- _Required work_: The lines to copy are those in the records below that hold the word "figures".

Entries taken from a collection
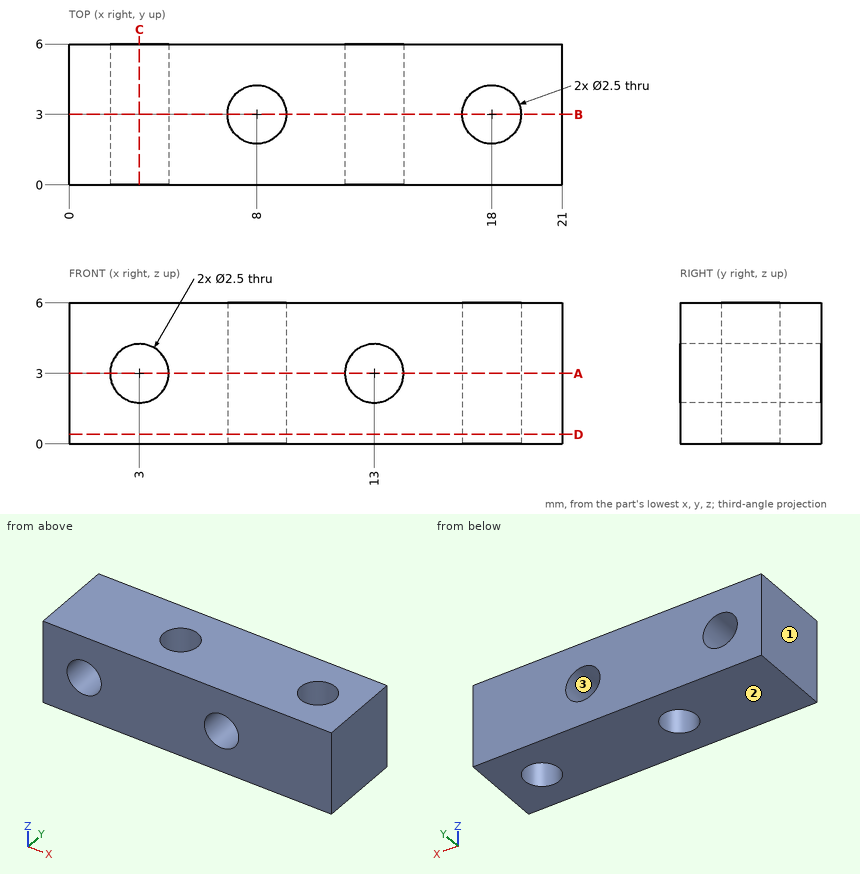
The drawing under review shows one solid part. Ordinate dimensions are in mm from its lowest x, y, z. Give positions to 0.01 mm unless a question says otherwise; leave off trailing zeros. Loops run counter-clockwise (first coordinate to the right, second up) from the corner with the lowest first, then second, coordinate; pieces in that order, holes last. Notation, with made-up numbers: M -18,70 L 14,70 A21 cw 14,76 Z; hole C 51,61 d8. An arc over 180 degrees is marked long. Return JSON: item names as keys, results as strings. Group by question number.
Item 1: Mouldability with a two-part tool opening along X and no side actions: class the marked faces 1, 2 and 3 as released by +X, released by -X, zero draft, split by the parting line, or undercut.
Item 2: We need section A-A (z = 3). Give the boundary of the cut face in (x, y), and give its area (3 significant figures).
Item 3: We need section D-D (z = 0.4). Give the boundary of the cut face in (x, y).
Item 4: For probe 1 along Z at (x, y) = (3, 4.1); probe 2 along X at (y, z) = (4.3, 3.8); probe 3 along X at (y, z) = (3.65, 4.35), list the stretches that pass through material, from the lowest coordinate up.
Item 5: Insertion check: pin 1 Ø2 at (x, z) = (3, 3) entering from +Y. The pin has a flat end and moves straight along its axis. Give the tip position at first contact, or say it passes through.
Item 6: We need section B-B (y = 3). Give the boundary of the cut face in (x, z).
Item 7: We need section C-C (x = 3). Give the boundary of the cut face in (y, z), and give its area (3 significant figures).
Output:
{
 "1": {"face 1": "released by -X", "face 2": "zero draft", "face 3": "undercut"},
 "2": {"outline": "M 0,0 L 1.75,0 L 1.75,6 L 0,6 Z; M 4.25,0 L 11.75,0 L 11.75,6 L 4.25,6 Z; M 14.25,0 L 21,0 L 21,6 L 14.25,6 Z; hole C 8,3 d2.5; hole C 18,3 d2.5", "area": "86.2 mm^2"},
 "3": {"outline": "M 0,0 L 21,0 L 21,6 L 0,6 Z; hole C 8,3 d2.5; hole C 18,3 d2.5"},
 "4": {"probe 1": "z = 0 to 1.75, 4.25 to 6", "probe 2": "x = 0 to 2.04, 3.96 to 12.04, 13.96 to 21", "probe 3": "x = 0 to 6.93, 9.07 to 16.93, 19.07 to 21"},
 "5": {"pin 1": "passes through"},
 "6": {"outline": "M 0,0 L 6.75,0 L 6.75,6 L 0,6 Z; M 9.25,0 L 16.75,0 L 16.75,6 L 9.25,6 Z; M 19.25,0 L 21,0 L 21,6 L 19.25,6 Z; hole C 3,3 d2.5; hole C 13,3 d2.5"},
 "7": {"outline": "M 0,0 L 6,0 L 6,1.75 L 0,1.75 Z; M 0,4.25 L 6,4.25 L 6,6 L 0,6 Z", "area": "21.0 mm^2"}
}
```python
from build123d import *

# Parameters (mm, degrees)
SIDE_NOTCH_SKETCH_W  = 8.527366903
SIDE_NOTCH_SKETCH_H  = 6
SIDE_NOTCH_6X6_DEPTH = 9.5


with BuildPart() as part:
    # Pin Profile Sketch → Pin Body (revolve)
    with BuildSketch(Plane.XY, mode=Mode.PRIVATE) as pin_body_sk:
        Polygon((0, 0), (-2.5, 0), (-2.5, -5), (-6, -5), (-6, -10), (-3, -10), (-3, -35), (0, -35), align=None)
    revolve(pin_body_sk.sketch.rotate(Axis((0, -35, 0), (0, 1, 0)), 270), axis=Axis((0, -35, 0), (0, 1, 0)))

    # Side Notch Sketch → Side Notch 6x6 (cut, symmetric)
    with BuildSketch(Plane.XY):
        with Locations((4.263683452, -26)):
            Rectangle(SIDE_NOTCH_SKETCH_W, SIDE_NOTCH_SKETCH_H)
    extrude(amount=SIDE_NOTCH_6X6_DEPTH, both=True, mode=Mode.SUBTRACT)


solid = part.part
```
Geometry: final body of the model. Coordinates: model frame, mm. A direction names the side the tool comes from. Give positions to 0.01 mm unless a question says otherwise; leave off trailing zeros. Order: outer loops, then holes, each group sorted by start corner. A loop starts at its lowest first (then second) coordinate and runs counter-clockwise, first axis right, second up. Notation, with made-up numbers: (-10, -2.75) -> (29, -2.75) arc R14 ccw to (29, 12.25) -> close; hole circle Ø9 at (70.5, 65.5). An arc over 180 degrees is marked (long way). Write each question's results on one line, items separated by ' | '. Start each with the question number.
1) Draft query along Y for faces 4 (the flat face through (1, -10, 3)), 5 (the flat face through (1, -23, 0)), 6 (the cylindrical face through (-3, -23, 0)). Return one class per face: pulls with the +Y half, pulls with the -Y half, needs draft (parallel to the pull), parting line crosses it, or undercut.
2) Section B-B (y = -3). Return loops of the section in (x, z), then the cut area to 3 significant figures.
3) Section D-D (x = 5.25). Return loops of the section in (y, z).
4) Section C-C (z = -1.5). Return loops of the section in (x, y), then the cut area to 3 significant figures.
5) Set-up query: faces 1 (the cylindrical face through (-1.802, -7.535, -5.723)), 2 (the flat face through (0, -26, 0)), 3 (the cylindrical face through (2.44, -2.54, 0.54)). Return all of +Z, -Z, +X, -X, +Y, -Y with unobstructed straight access to the full face (end or side cutting, diameter ignored); none if empty.
6) Section A-A (z = 0). Return loops of the section in (x, y).
7) Line query: line 1 (Y direction, x = -4.5, z = 3); line 2 (Y direction, x = 1.5, z = 1.5); line 3 (Z direction, x = -2.75, y = -12.5). Output: solid intervals per line, ascending. Write a range as from..to.
8) First-contact query: pin 1 (5 mm diameter, centred on x = 3.5, y = -18.5, fed in from +Z); pin 2 (6.5 mm diameter, centred on y = -26, z = 0.5, fed in from +X); pin 3 (5 mm diameter, centred on x = -3.5, z = 5, fed in from -Y). Flat tips, straight axial feed; report the tip coordinate or a pass-through.
Calculated:
1) face 4: pulls with the -Y half | face 5: undercut | face 6: needs draft
2) outline: circle Ø5 at (0, 0) | area: 19.6 mm2
3) outline: (-10, -2.9) -> (-5, -2.9) -> (-5, 2.9) -> (-10, 2.9) -> close
4) outline: (-5.81, -10) -> (-2.6, -10) -> (-2.6, -35) -> (2.6, -35) -> (2.6, -29) -> (0, -29) -> (0, -23) -> (2.6, -23) -> (2.6, -10) -> (5.81, -10) -> (5.81, -5) -> (2, -5) -> (2, 0) -> (-2, 0) -> (-2, -5) -> (-5.81, -5) -> close | area: 192 mm2
5) face 1: +Y, -Y | face 2: +Z, -Z, +X | face 3: +Y
6) outline: (-6, -10) -> (-3, -10) -> (-3, -35) -> (3, -35) -> (3, -29) -> (0, -29) -> (0, -23) -> (3, -23) -> (3, -10) -> (6, -10) -> (6, -5) -> (2.5, -5) -> (2.5, 0) -> (-2.5, 0) -> (-2.5, -5) -> (-6, -5) -> close
7) line 1: -10..-5 | line 2: -35..-29, -23..0 | line 3: -1.2..1.2
8) pin 1: z = 2.83 | pin 2: x = 3 | pin 3: y = -10
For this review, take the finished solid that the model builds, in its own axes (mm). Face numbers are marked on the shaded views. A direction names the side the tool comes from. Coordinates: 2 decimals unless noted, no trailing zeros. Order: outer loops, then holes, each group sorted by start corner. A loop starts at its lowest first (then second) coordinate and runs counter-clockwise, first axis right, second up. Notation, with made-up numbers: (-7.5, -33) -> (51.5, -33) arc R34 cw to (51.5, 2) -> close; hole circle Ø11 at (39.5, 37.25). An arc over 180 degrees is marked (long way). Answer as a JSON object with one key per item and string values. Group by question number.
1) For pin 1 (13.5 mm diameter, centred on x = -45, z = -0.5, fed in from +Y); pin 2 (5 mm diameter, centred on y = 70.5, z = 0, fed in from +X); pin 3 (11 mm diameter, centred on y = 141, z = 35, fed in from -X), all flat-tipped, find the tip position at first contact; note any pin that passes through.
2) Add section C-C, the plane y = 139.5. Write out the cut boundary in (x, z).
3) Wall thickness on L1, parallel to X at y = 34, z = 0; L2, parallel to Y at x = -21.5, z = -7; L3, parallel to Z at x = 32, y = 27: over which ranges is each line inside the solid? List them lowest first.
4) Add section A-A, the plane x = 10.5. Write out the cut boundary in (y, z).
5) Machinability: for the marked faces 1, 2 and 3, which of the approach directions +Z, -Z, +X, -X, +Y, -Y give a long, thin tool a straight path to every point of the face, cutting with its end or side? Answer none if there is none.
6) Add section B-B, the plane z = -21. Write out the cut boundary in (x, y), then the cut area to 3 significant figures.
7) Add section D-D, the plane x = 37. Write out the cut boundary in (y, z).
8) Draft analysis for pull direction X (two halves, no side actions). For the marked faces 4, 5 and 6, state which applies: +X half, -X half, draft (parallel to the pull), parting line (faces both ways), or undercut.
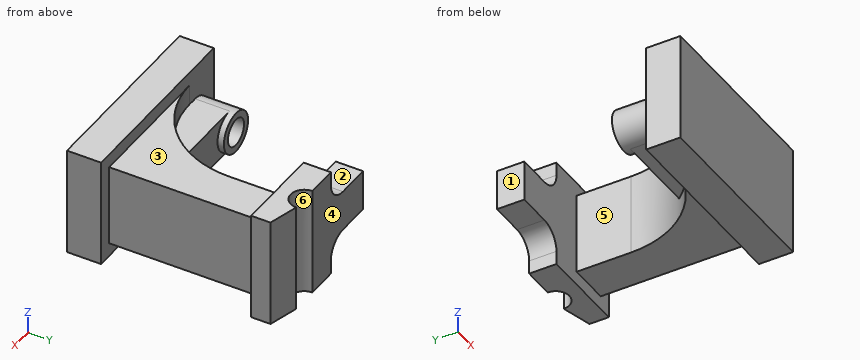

- _Answer for the task_:
Item 2: We need section A-A (z = 3). Give the boundary of the cut face in (x, y), and give its area (3 significant figures).
Item 7: We need section C-C (x = 3). Give the boundary of the cut face in (y, z), and give its area (3 significant figures).
2) Section B-B (y = -3). Return loops of the section in (x, z), then the cut area to 3 significant figures.
4) Section C-C (z = -1.5). Return loops of the section in (x, y), then the cut area to 3 significant figures.
6) Add section B-B, the plane z = -21. Write out the cut boundary in (x, y), then the cut area to 3 significant figures.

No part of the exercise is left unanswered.